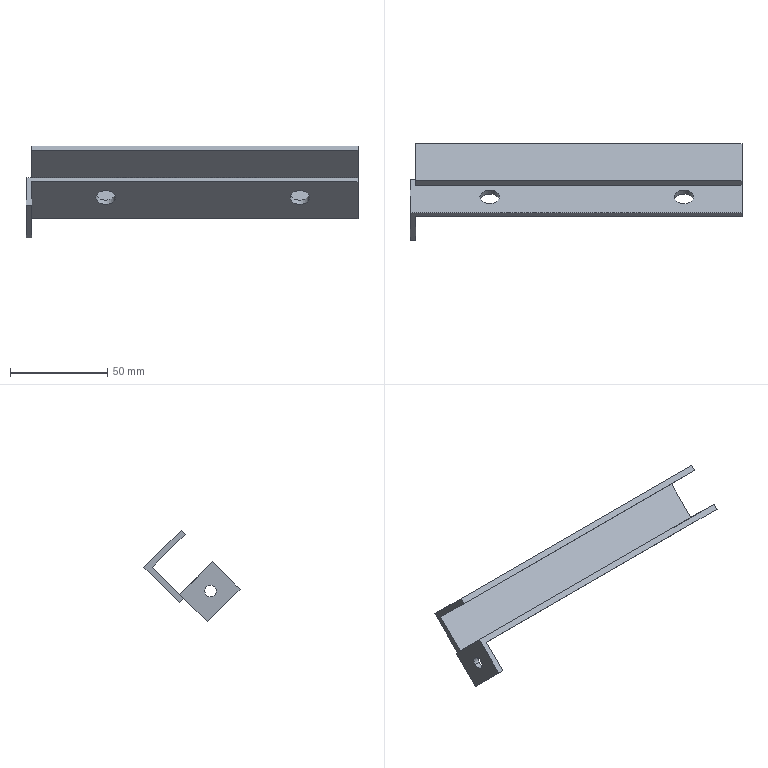Component | SolidWorks | LeftGuardBracket-1 | 1 solid | 20 faces | box 171 x 49.5 x 47.34 mm | volume 38177 mm3 | plane 14 | cylinder 6 | commonest cylinder face diameters 10 x4 6 x2
build123d program:
from build123d import *

# Parameters (mm, degrees)
EXTRUDE_THIN1_DEPTH = 168
SKETCH2_W           = 23.953
SKETCH2_H           = 20
BOSS_EXTRUDE1_DEPTH = 3
SKETCH3_R           = 5
CUT_EXTRUDE1_DEPTH  = 3
SKETCH4_R           = 3
CUT_EXTRUDE2_DEPTH  = 3


with BuildPart() as part:
    # Sketch1 → Extrude-Thin1 (new body)
    with BuildSketch(Plane.XY):
        Polygon((3.367, -34.031), (-23.633, -34.031), (-23.633, -8.031), (3.367, -8.031), (3.367, -11.031), (-20.633, -11.031), (-20.633, -31.031), (3.367, -31.031), align=None)
    extrude(amount=EXTRUDE_THIN1_DEPTH)

    # Sketch2 → Boss-Extrude1 (add)
    with BuildSketch(Plane.XY.offset(168)):
        with Locations((-8.609, -41.031)):
            Rectangle(SKETCH2_W, SKETCH2_H)
    extrude(amount=BOSS_EXTRUDE1_DEPTH)

    # Sketch3 → Cut-Extrude1 (cut)
    with BuildSketch(Plane(origin=(0, -34.031, 0), x_dir=(-1, 0, 0), z_dir=(0, -1, 0))):
        with Locations(Location((8.109, -130, 0), (0, 0, 90))):
            Circle(SKETCH3_R)
        with Locations(Location((8.109, -30, 0), (0, 0, 90))):
            Circle(SKETCH3_R)
    extrude(amount=-CUT_EXTRUDE1_DEPTH, mode=Mode.SUBTRACT)

    # Sketch4 → Cut-Extrude2 (cut)
    with BuildSketch(Plane.XY.offset(171)):
        with Locations((-8.109, -41.031)):
            Circle(SKETCH4_R)
    extrude(amount=-CUT_EXTRUDE2_DEPTH, mode=Mode.SUBTRACT)


solid = part.part

# Placed as in the assembly
solid = solid.moved(Location((-271.55, -172.786, -218.111), (45, -90, 0)))
STEP:
#1=COLOUR_RGB('',0.7922,0.8196,0.9333);
#2=FILL_AREA_STYLE_COLOUR('',#1);
#3=FILL_AREA_STYLE('',(#2));
#4=SURFACE_STYLE_FILL_AREA(#3);
#5=SURFACE_SIDE_STYLE('',(#4));
#6=SURFACE_STYLE_USAGE(.BOTH.,#5);
#7=PRESENTATION_STYLE_ASSIGNMENT((#6));
#8=CARTESIAN_POINT('',(-17.305,-7.636,-10.039));
#9=VERTEX_POINT('',#8);
#10=CARTESIAN_POINT('',(-17.305,-7.803,-9.872));
#11=VERTEX_POINT('',#10);
#12=CARTESIAN_POINT('',(-17.305,-7.719,-9.955));
#13=DIRECTION('',(-1.,0.,0.));
#14=DIRECTION('',(0.,-0.7071,0.7071));
#15=AXIS2_PLACEMENT_3D('',#12,#13,#14);
#16=CIRCLE('',#15,0.1181);
#17=EDGE_CURVE('',#9,#11,#16,.T.);
#18=ORIENTED_EDGE('',*,*,#17,.F.);
#19=CARTESIAN_POINT('',(-17.423,-7.636,-10.039));
#20=VERTEX_POINT('',#19);
#21=CARTESIAN_POINT('',(-17.305,-7.636,-10.039));
#22=DIRECTION('',(-1.,0.,0.));
#23=VECTOR('',#22,39.37);
#24=LINE('',#21,#23);
#25=EDGE_CURVE('',#9,#20,#24,.T.);
#26=ORIENTED_EDGE('',*,*,#25,.T.);
#27=CARTESIAN_POINT('',(-17.423,-7.803,-9.872));
#28=VERTEX_POINT('',#27);
#29=CARTESIAN_POINT('',(-17.423,-7.719,-9.955));
#30=DIRECTION('',(-1.,0.,0.));
#31=DIRECTION('',(0.,-0.7071,0.7071));
#32=AXIS2_PLACEMENT_3D('',#29,#30,#31);
#33=CIRCLE('',#32,0.1181);
#34=EDGE_CURVE('',#20,#28,#33,.T.);
#35=ORIENTED_EDGE('',*,*,#34,.T.);
#36=CARTESIAN_POINT('',(-17.305,-7.803,-9.872));
#37=DIRECTION('',(-1.,0.,0.));
#38=VECTOR('',#37,39.37);
#39=LINE('',#36,#38);
#40=EDGE_CURVE('',#11,#28,#39,.T.);
#41=ORIENTED_EDGE('',*,*,#40,.F.);
#42=EDGE_LOOP('',(#18,#26,#35,#41));
#43=FACE_OUTER_BOUND('',#42,.T.);
#44=CARTESIAN_POINT('',(-17.305,-7.719,-9.955));
#45=DIRECTION('',(-1.,0.,0.));
#46=DIRECTION('',(0.,-0.7071,0.7071));
#47=AXIS2_PLACEMENT_3D('',#44,#45,#46);
#48=CYLINDRICAL_SURFACE('',#47,0.1181);
#49=ADVANCED_FACE('',(#43),#48,.F.);
#50=CARTESIAN_POINT('',(-12.069,-7.441,-9.677));
#51=VERTEX_POINT('',#50);
#52=CARTESIAN_POINT('',(-11.675,-7.441,-9.677));
#53=VERTEX_POINT('',#52);
#54=CARTESIAN_POINT('',(-11.872,-7.441,-9.677));
#55=DIRECTION('',(-0.,-0.7071,-0.7071));
#56=DIRECTION('',(1.,0.,0.));
#57=AXIS2_PLACEMENT_3D('',#54,#55,#56);
#58=CIRCLE('',#57,0.1969);
#59=EDGE_CURVE('',#51,#53,#58,.T.);
#60=ORIENTED_EDGE('',*,*,#59,.F.);
#61=CARTESIAN_POINT('',(-12.069,-7.524,-9.76));
#62=VERTEX_POINT('',#61);
#63=CARTESIAN_POINT('',(-12.069,-7.441,-9.677));
#64=DIRECTION('',(-0.,-0.7071,-0.7071));
#65=VECTOR('',#64,39.37);
#66=LINE('',#63,#65);
#67=EDGE_CURVE('',#51,#62,#66,.T.);
#68=ORIENTED_EDGE('',*,*,#67,.T.);
#69=CARTESIAN_POINT('',(-11.675,-7.524,-9.76));
#70=VERTEX_POINT('',#69);
#71=CARTESIAN_POINT('',(-11.872,-7.524,-9.76));
#72=DIRECTION('',(-0.,-0.7071,-0.7071));
#73=DIRECTION('',(1.,0.,0.));
#74=AXIS2_PLACEMENT_3D('',#71,#72,#73);
#75=CIRCLE('',#74,0.1969);
#76=EDGE_CURVE('',#62,#70,#75,.T.);
#77=ORIENTED_EDGE('',*,*,#76,.T.);
#78=CARTESIAN_POINT('',(-11.675,-7.441,-9.677));
#79=DIRECTION('',(-0.,-0.7071,-0.7071));
#80=VECTOR('',#79,39.37);
#81=LINE('',#78,#80);
#82=EDGE_CURVE('',#53,#70,#81,.T.);
#83=ORIENTED_EDGE('',*,*,#82,.F.);
#84=EDGE_LOOP('',(#60,#68,#77,#83));
#85=FACE_OUTER_BOUND('',#84,.T.);
#86=CARTESIAN_POINT('',(-11.872,-7.441,-9.677));
#87=DIRECTION('',(-0.,-0.7071,-0.7071));
#88=DIRECTION('',(1.,0.,0.));
#89=AXIS2_PLACEMENT_3D('',#86,#87,#88);
#90=CYLINDRICAL_SURFACE('',#89,0.1969);
#91=ADVANCED_FACE('',(#85),#90,.F.);
#92=CARTESIAN_POINT('',(-16.006,-7.441,-9.677));
#93=VERTEX_POINT('',#92);
#94=CARTESIAN_POINT('',(-15.612,-7.441,-9.677));
#95=VERTEX_POINT('',#94);
#96=CARTESIAN_POINT('',(-15.809,-7.441,-9.677));
#97=DIRECTION('',(-0.,-0.7071,-0.7071));
#98=DIRECTION('',(1.,0.,0.));
#99=AXIS2_PLACEMENT_3D('',#96,#97,#98);
#100=CIRCLE('',#99,0.1969);
#101=EDGE_CURVE('',#93,#95,#100,.T.);
#102=ORIENTED_EDGE('',*,*,#101,.F.);
#103=CARTESIAN_POINT('',(-16.006,-7.524,-9.76));
#104=VERTEX_POINT('',#103);
#105=CARTESIAN_POINT('',(-16.006,-7.441,-9.677));
#106=DIRECTION('',(-0.,-0.7071,-0.7071));
#107=VECTOR('',#106,39.37);
#108=LINE('',#105,#107);
#109=EDGE_CURVE('',#93,#104,#108,.T.);
#110=ORIENTED_EDGE('',*,*,#109,.T.);
#111=CARTESIAN_POINT('',(-15.612,-7.524,-9.76));
#112=VERTEX_POINT('',#111);
#113=CARTESIAN_POINT('',(-15.809,-7.524,-9.76));
#114=DIRECTION('',(-0.,-0.7071,-0.7071));
#115=DIRECTION('',(1.,0.,0.));
#116=AXIS2_PLACEMENT_3D('',#113,#114,#115);
#117=CIRCLE('',#116,0.1969);
#118=EDGE_CURVE('',#104,#112,#117,.T.);
#119=ORIENTED_EDGE('',*,*,#118,.T.);
#120=CARTESIAN_POINT('',(-15.612,-7.441,-9.677));
#121=DIRECTION('',(-0.,-0.7071,-0.7071));
#122=VECTOR('',#121,39.37);
#123=LINE('',#120,#122);
#124=EDGE_CURVE('',#95,#112,#123,.T.);
#125=ORIENTED_EDGE('',*,*,#124,.F.);
#126=EDGE_LOOP('',(#102,#110,#119,#125));
#127=FACE_OUTER_BOUND('',#126,.T.);
#128=CARTESIAN_POINT('',(-15.809,-7.441,-9.677));
#129=DIRECTION('',(-0.,-0.7071,-0.7071));
#130=DIRECTION('',(1.,0.,0.));
#131=AXIS2_PLACEMENT_3D('',#128,#129,#130);
#132=CYLINDRICAL_SURFACE('',#131,0.1969);
#133=ADVANCED_FACE('',(#127),#132,.F.);
#134=CARTESIAN_POINT('',(-17.305,-7.093,-10.024));
#135=VERTEX_POINT('',#134);
#136=CARTESIAN_POINT('',(-17.305,-7.177,-10.108));
#137=VERTEX_POINT('',#136);
#138=CARTESIAN_POINT('',(-17.305,-7.093,-10.024));
#139=DIRECTION('',(-0.,-0.7071,-0.7071));
#140=VECTOR('',#139,39.37);
#141=LINE('',#138,#140);
#142=EDGE_CURVE('',#135,#137,#141,.T.);
#143=ORIENTED_EDGE('',*,*,#142,.F.);
#144=CARTESIAN_POINT('',(-17.305,-7.092,-10.025));
#145=VERTEX_POINT('',#144);
#146=CARTESIAN_POINT('',(-17.305,-7.009,-10.109));
#147=DIRECTION('',(0.,0.7071,-0.7071));
#148=VECTOR('',#147,39.37);
#149=LINE('',#146,#148);
#150=EDGE_CURVE('',#135,#145,#149,.T.);
#151=ORIENTED_EDGE('',*,*,#150,.T.);
#152=CARTESIAN_POINT('',(-17.305,-6.535,-9.469));
#153=VERTEX_POINT('',#152);
#154=CARTESIAN_POINT('',(-17.305,-6.452,-9.385));
#155=DIRECTION('',(0.,0.7071,0.7071));
#156=VECTOR('',#155,39.37);
#157=LINE('',#154,#156);
#158=EDGE_CURVE('',#145,#153,#157,.T.);
#159=ORIENTED_EDGE('',*,*,#158,.T.);
#160=CARTESIAN_POINT('',(-17.305,-7.203,-8.8));
#161=VERTEX_POINT('',#160);
#162=CARTESIAN_POINT('',(-17.305,-6.452,-9.552));
#163=DIRECTION('',(-0.,-0.7071,0.7071));
#164=VECTOR('',#163,39.37);
#165=LINE('',#162,#164);
#166=EDGE_CURVE('',#153,#161,#165,.T.);
#167=ORIENTED_EDGE('',*,*,#166,.T.);
#168=CARTESIAN_POINT('',(-17.305,-7.12,-8.717));
#169=VERTEX_POINT('',#168);
#170=CARTESIAN_POINT('',(-17.305,-7.12,-8.717));
#171=DIRECTION('',(-0.,-0.7071,-0.7071));
#172=VECTOR('',#171,39.37);
#173=LINE('',#170,#172);
#174=EDGE_CURVE('',#169,#161,#173,.T.);
#175=ORIENTED_EDGE('',*,*,#174,.F.);
#176=CARTESIAN_POINT('',(-17.305,-6.368,-9.469));
#177=VERTEX_POINT('',#176);
#178=CARTESIAN_POINT('',(-17.305,-6.368,-9.469));
#179=DIRECTION('',(-0.,-0.7071,0.7071));
#180=VECTOR('',#179,39.37);
#181=LINE('',#178,#180);
#182=EDGE_CURVE('',#177,#169,#181,.T.);
#183=ORIENTED_EDGE('',*,*,#182,.F.);
#184=CARTESIAN_POINT('',(-17.305,-7.092,-10.192));
#185=VERTEX_POINT('',#184);
#186=CARTESIAN_POINT('',(-17.305,-6.368,-9.469));
#187=DIRECTION('',(0.,0.7071,0.7071));
#188=VECTOR('',#187,39.37);
#189=LINE('',#186,#188);
#190=EDGE_CURVE('',#185,#177,#189,.T.);
#191=ORIENTED_EDGE('',*,*,#190,.F.);
#192=CARTESIAN_POINT('',(-17.305,-7.092,-10.192));
#193=DIRECTION('',(0.,0.7071,-0.7071));
#194=VECTOR('',#193,39.37);
#195=LINE('',#192,#194);
#196=EDGE_CURVE('',#137,#185,#195,.T.);
#197=ORIENTED_EDGE('',*,*,#196,.F.);
#198=EDGE_LOOP('',(#143,#151,#159,#167,#175,#183,#191,#197));
#199=FACE_OUTER_BOUND('',#198,.T.);
#200=CARTESIAN_POINT('',(-17.305,-6.803,-8.587));
#201=DIRECTION('',(1.,-0.,-0.));
#202=DIRECTION('',(0.,0.7071,-0.7071));
#203=AXIS2_PLACEMENT_3D('',#200,#201,#202);
#204=PLANE('',#203);
#205=ADVANCED_FACE('',(#199),#204,.F.);
#206=CARTESIAN_POINT('',(-10.691,-6.535,-9.469));
#207=VERTEX_POINT('',#206);
#208=CARTESIAN_POINT('',(-10.691,-7.203,-8.8));
#209=VERTEX_POINT('',#208);
#210=CARTESIAN_POINT('',(-10.691,-6.452,-9.552));
#211=DIRECTION('',(-0.,-0.7071,0.7071));
#212=VECTOR('',#211,39.37);
#213=LINE('',#210,#212);
#214=EDGE_CURVE('',#207,#209,#213,.T.);
#215=ORIENTED_EDGE('',*,*,#214,.T.);
#216=CARTESIAN_POINT('',(-17.305,-7.203,-8.8));
#217=DIRECTION('',(1.,-0.,0.));
#218=VECTOR('',#217,39.37);
#219=LINE('',#216,#218);
#220=EDGE_CURVE('',#161,#209,#219,.T.);
#221=ORIENTED_EDGE('',*,*,#220,.F.);
#222=ORIENTED_EDGE('',*,*,#166,.F.);
#223=CARTESIAN_POINT('',(-17.305,-6.535,-9.469));
#224=DIRECTION('',(1.,-0.,0.));
#225=VECTOR('',#224,39.37);
#226=LINE('',#223,#225);
#227=EDGE_CURVE('',#153,#207,#226,.T.);
#228=ORIENTED_EDGE('',*,*,#227,.T.);
#229=EDGE_LOOP('',(#215,#221,#222,#228));
#230=FACE_OUTER_BOUND('',#229,.T.);
#231=CARTESIAN_POINT('',(-17.305,-6.452,-9.552));
#232=DIRECTION('',(0.,0.7071,0.7071));
#233=DIRECTION('',(0.,0.7071,-0.7071));
#234=AXIS2_PLACEMENT_3D('',#231,#232,#233);
#235=PLANE('',#234);
#236=ADVANCED_FACE('',(#230),#235,.F.);
#237=CARTESIAN_POINT('',(-10.691,-7.12,-8.717));
#238=VERTEX_POINT('',#237);
#239=CARTESIAN_POINT('',(-10.691,-7.12,-8.717));
#240=DIRECTION('',(-0.,-0.7071,-0.7071));
#241=VECTOR('',#240,39.37);
#242=LINE('',#239,#241);
#243=EDGE_CURVE('',#238,#209,#242,.T.);
#244=ORIENTED_EDGE('',*,*,#243,.F.);
#245=CARTESIAN_POINT('',(-17.305,-7.12,-8.717));
#246=DIRECTION('',(1.,-0.,0.));
#247=VECTOR('',#246,39.37);
#248=LINE('',#245,#247);
#249=EDGE_CURVE('',#169,#238,#248,.T.);
#250=ORIENTED_EDGE('',*,*,#249,.F.);
#251=ORIENTED_EDGE('',*,*,#174,.T.);
#252=ORIENTED_EDGE('',*,*,#220,.T.);
#253=EDGE_LOOP('',(#244,#250,#251,#252));
#254=FACE_OUTER_BOUND('',#253,.T.);
#255=CARTESIAN_POINT('',(-17.305,-7.12,-8.717));
#256=DIRECTION('',(-0.,-0.7071,0.7071));
#257=DIRECTION('',(1.,-0.,0.));
#258=AXIS2_PLACEMENT_3D('',#255,#256,#257);
#259=PLANE('',#258);
#260=ADVANCED_FACE('',(#254),#259,.T.);
#261=CARTESIAN_POINT('',(-10.691,-6.368,-9.469));
#262=VERTEX_POINT('',#261);
#263=CARTESIAN_POINT('',(-10.691,-6.368,-9.469));
#264=DIRECTION('',(-0.,-0.7071,0.7071));
#265=VECTOR('',#264,39.37);
#266=LINE('',#263,#265);
#267=EDGE_CURVE('',#262,#238,#266,.T.);
#268=ORIENTED_EDGE('',*,*,#267,.F.);
#269=CARTESIAN_POINT('',(-17.305,-6.368,-9.469));
#270=DIRECTION('',(1.,-0.,0.));
#271=VECTOR('',#270,39.37);
#272=LINE('',#269,#271);
#273=EDGE_CURVE('',#177,#262,#272,.T.);
#274=ORIENTED_EDGE('',*,*,#273,.F.);
#275=ORIENTED_EDGE('',*,*,#182,.T.);
#276=ORIENTED_EDGE('',*,*,#249,.T.);
#277=EDGE_LOOP('',(#268,#274,#275,#276));
#278=FACE_OUTER_BOUND('',#277,.T.);
#279=CARTESIAN_POINT('',(-17.305,-6.368,-9.469));
#280=DIRECTION('',(0.,0.7071,0.7071));
#281=DIRECTION('',(0.,0.7071,-0.7071));
#282=AXIS2_PLACEMENT_3D('',#279,#280,#281);
#283=PLANE('',#282);
#284=ADVANCED_FACE('',(#278),#283,.T.);
#285=CARTESIAN_POINT('',(-10.691,-7.092,-10.192));
#286=VERTEX_POINT('',#285);
#287=CARTESIAN_POINT('',(-10.691,-6.368,-9.469));
#288=DIRECTION('',(0.,0.7071,0.7071));
#289=VECTOR('',#288,39.37);
#290=LINE('',#287,#289);
#291=EDGE_CURVE('',#286,#262,#290,.T.);
#292=ORIENTED_EDGE('',*,*,#291,.F.);
#293=CARTESIAN_POINT('',(-17.305,-7.092,-10.192));
#294=DIRECTION('',(1.,-0.,0.));
#295=VECTOR('',#294,39.37);
#296=LINE('',#293,#295);
#297=EDGE_CURVE('',#185,#286,#296,.T.);
#298=ORIENTED_EDGE('',*,*,#297,.F.);
#299=ORIENTED_EDGE('',*,*,#190,.T.);
#300=ORIENTED_EDGE('',*,*,#273,.T.);
#301=EDGE_LOOP('',(#292,#298,#299,#300));
#302=FACE_OUTER_BOUND('',#301,.T.);
#303=CARTESIAN_POINT('',(-17.305,-6.368,-9.469));
#304=DIRECTION('',(0.,0.7071,-0.7071));
#305=DIRECTION('',(-0.,-0.7071,-0.7071));
#306=AXIS2_PLACEMENT_3D('',#303,#304,#305);
#307=PLANE('',#306);
#308=ADVANCED_FACE('',(#302),#307,.T.);
#309=CARTESIAN_POINT('',(-11.872,-7.524,-9.76));
#310=DIRECTION('',(-0.,-0.7071,-0.7071));
#311=DIRECTION('',(1.,0.,0.));
#312=AXIS2_PLACEMENT_3D('',#309,#310,#311);
#313=CIRCLE('',#312,0.1969);
#314=EDGE_CURVE('',#70,#62,#313,.T.);
#315=ORIENTED_EDGE('',*,*,#314,.F.);
#316=ORIENTED_EDGE('',*,*,#76,.F.);
#317=EDGE_LOOP('',(#315,#316));
#318=FACE_BOUND('',#317,.T.);
#319=CARTESIAN_POINT('',(-15.809,-7.524,-9.76));
#320=DIRECTION('',(-0.,-0.7071,-0.7071));
#321=DIRECTION('',(1.,0.,0.));
#322=AXIS2_PLACEMENT_3D('',#319,#320,#321);
#323=CIRCLE('',#322,0.1969);
#324=EDGE_CURVE('',#112,#104,#323,.T.);
#325=ORIENTED_EDGE('',*,*,#324,.F.);
#326=ORIENTED_EDGE('',*,*,#118,.F.);
#327=EDGE_LOOP('',(#325,#326));
#328=FACE_BOUND('',#327,.T.);
#329=CARTESIAN_POINT('',(-10.691,-7.844,-9.441));
#330=VERTEX_POINT('',#329);
#331=CARTESIAN_POINT('',(-10.691,-7.092,-10.192));
#332=DIRECTION('',(0.,0.7071,-0.7071));
#333=VECTOR('',#332,39.37);
#334=LINE('',#331,#333);
#335=EDGE_CURVE('',#330,#286,#334,.T.);
#336=ORIENTED_EDGE('',*,*,#335,.F.);
#337=CARTESIAN_POINT('',(-17.305,-7.844,-9.441));
#338=VERTEX_POINT('',#337);
#339=CARTESIAN_POINT('',(-17.305,-7.844,-9.441));
#340=DIRECTION('',(1.,-0.,0.));
#341=VECTOR('',#340,39.37);
#342=LINE('',#339,#341);
#343=EDGE_CURVE('',#338,#330,#342,.T.);
#344=ORIENTED_EDGE('',*,*,#343,.F.);
#345=CARTESIAN_POINT('',(-17.305,-7.092,-10.192));
#346=DIRECTION('',(0.,0.7071,-0.7071));
#347=VECTOR('',#346,39.37);
#348=LINE('',#345,#347);
#349=EDGE_CURVE('',#338,#137,#348,.T.);
#350=ORIENTED_EDGE('',*,*,#349,.T.);
#351=ORIENTED_EDGE('',*,*,#196,.T.);
#352=ORIENTED_EDGE('',*,*,#297,.T.);
#353=EDGE_LOOP('',(#336,#344,#350,#351,#352));
#354=FACE_OUTER_BOUND('',#353,.T.);
#355=CARTESIAN_POINT('',(-17.305,-7.092,-10.192));
#356=DIRECTION('',(-0.,-0.7071,-0.7071));
#357=DIRECTION('',(1.,-0.,0.));
#358=AXIS2_PLACEMENT_3D('',#355,#356,#357);
#359=PLANE('',#358);
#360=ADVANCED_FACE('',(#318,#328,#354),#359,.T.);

________________________

== Work to complete ==
Only those lines of the entries above that run from the line containing "#85=FACE_OUTER_BOUND('',#84,.T.);" to the line containing "#124=EDGE_CURVE('',#95,#112,#123,.T.);", both included, should be transcribed exactly.

== Written response ==
#85=FACE_OUTER_BOUND('',#84,.T.);
#86=CARTESIAN_POINT('',(-11.872,-7.441,-9.677));
#87=DIRECTION('',(-0.,-0.7071,-0.7071));
#88=DIRECTION('',(1.,0.,0.));
#89=AXIS2_PLACEMENT_3D('',#86,#87,#88);
#90=CYLINDRICAL_SURFACE('',#89,0.1969);
#91=ADVANCED_FACE('',(#85),#90,.F.);
#92=CARTESIAN_POINT('',(-16.006,-7.441,-9.677));
#93=VERTEX_POINT('',#92);
#94=CARTESIAN_POINT('',(-15.612,-7.441,-9.677));
#95=VERTEX_POINT('',#94);
#96=CARTESIAN_POINT('',(-15.809,-7.441,-9.677));
#97=DIRECTION('',(-0.,-0.7071,-0.7071));
#98=DIRECTION('',(1.,0.,0.));
#99=AXIS2_PLACEMENT_3D('',#96,#97,#98);
#100=CIRCLE('',#99,0.1969);
#101=EDGE_CURVE('',#93,#95,#100,.T.);
#102=ORIENTED_EDGE('',*,*,#101,.F.);
#103=CARTESIAN_POINT('',(-16.006,-7.524,-9.76));
#104=VERTEX_POINT('',#103);
#105=CARTESIAN_POINT('',(-16.006,-7.441,-9.677));
#106=DIRECTION('',(-0.,-0.7071,-0.7071));
#107=VECTOR('',#106,39.37);
#108=LINE('',#105,#107);
#109=EDGE_CURVE('',#93,#104,#108,.T.);
#110=ORIENTED_EDGE('',*,*,#109,.T.);
#111=CARTESIAN_POINT('',(-15.612,-7.524,-9.76));
#112=VERTEX_POINT('',#111);
#113=CARTESIAN_POINT('',(-15.809,-7.524,-9.76));
#114=DIRECTION('',(-0.,-0.7071,-0.7071));
#115=DIRECTION('',(1.,0.,0.));
#116=AXIS2_PLACEMENT_3D('',#113,#114,#115);
#117=CIRCLE('',#116,0.1969);
#118=EDGE_CURVE('',#104,#112,#117,.T.);
#119=ORIENTED_EDGE('',*,*,#118,.T.);
#120=CARTESIAN_POINT('',(-15.612,-7.441,-9.677));
#121=DIRECTION('',(-0.,-0.7071,-0.7071));
#122=VECTOR('',#121,39.37);
#123=LINE('',#120,#122);
#124=EDGE_CURVE('',#95,#112,#123,.T.);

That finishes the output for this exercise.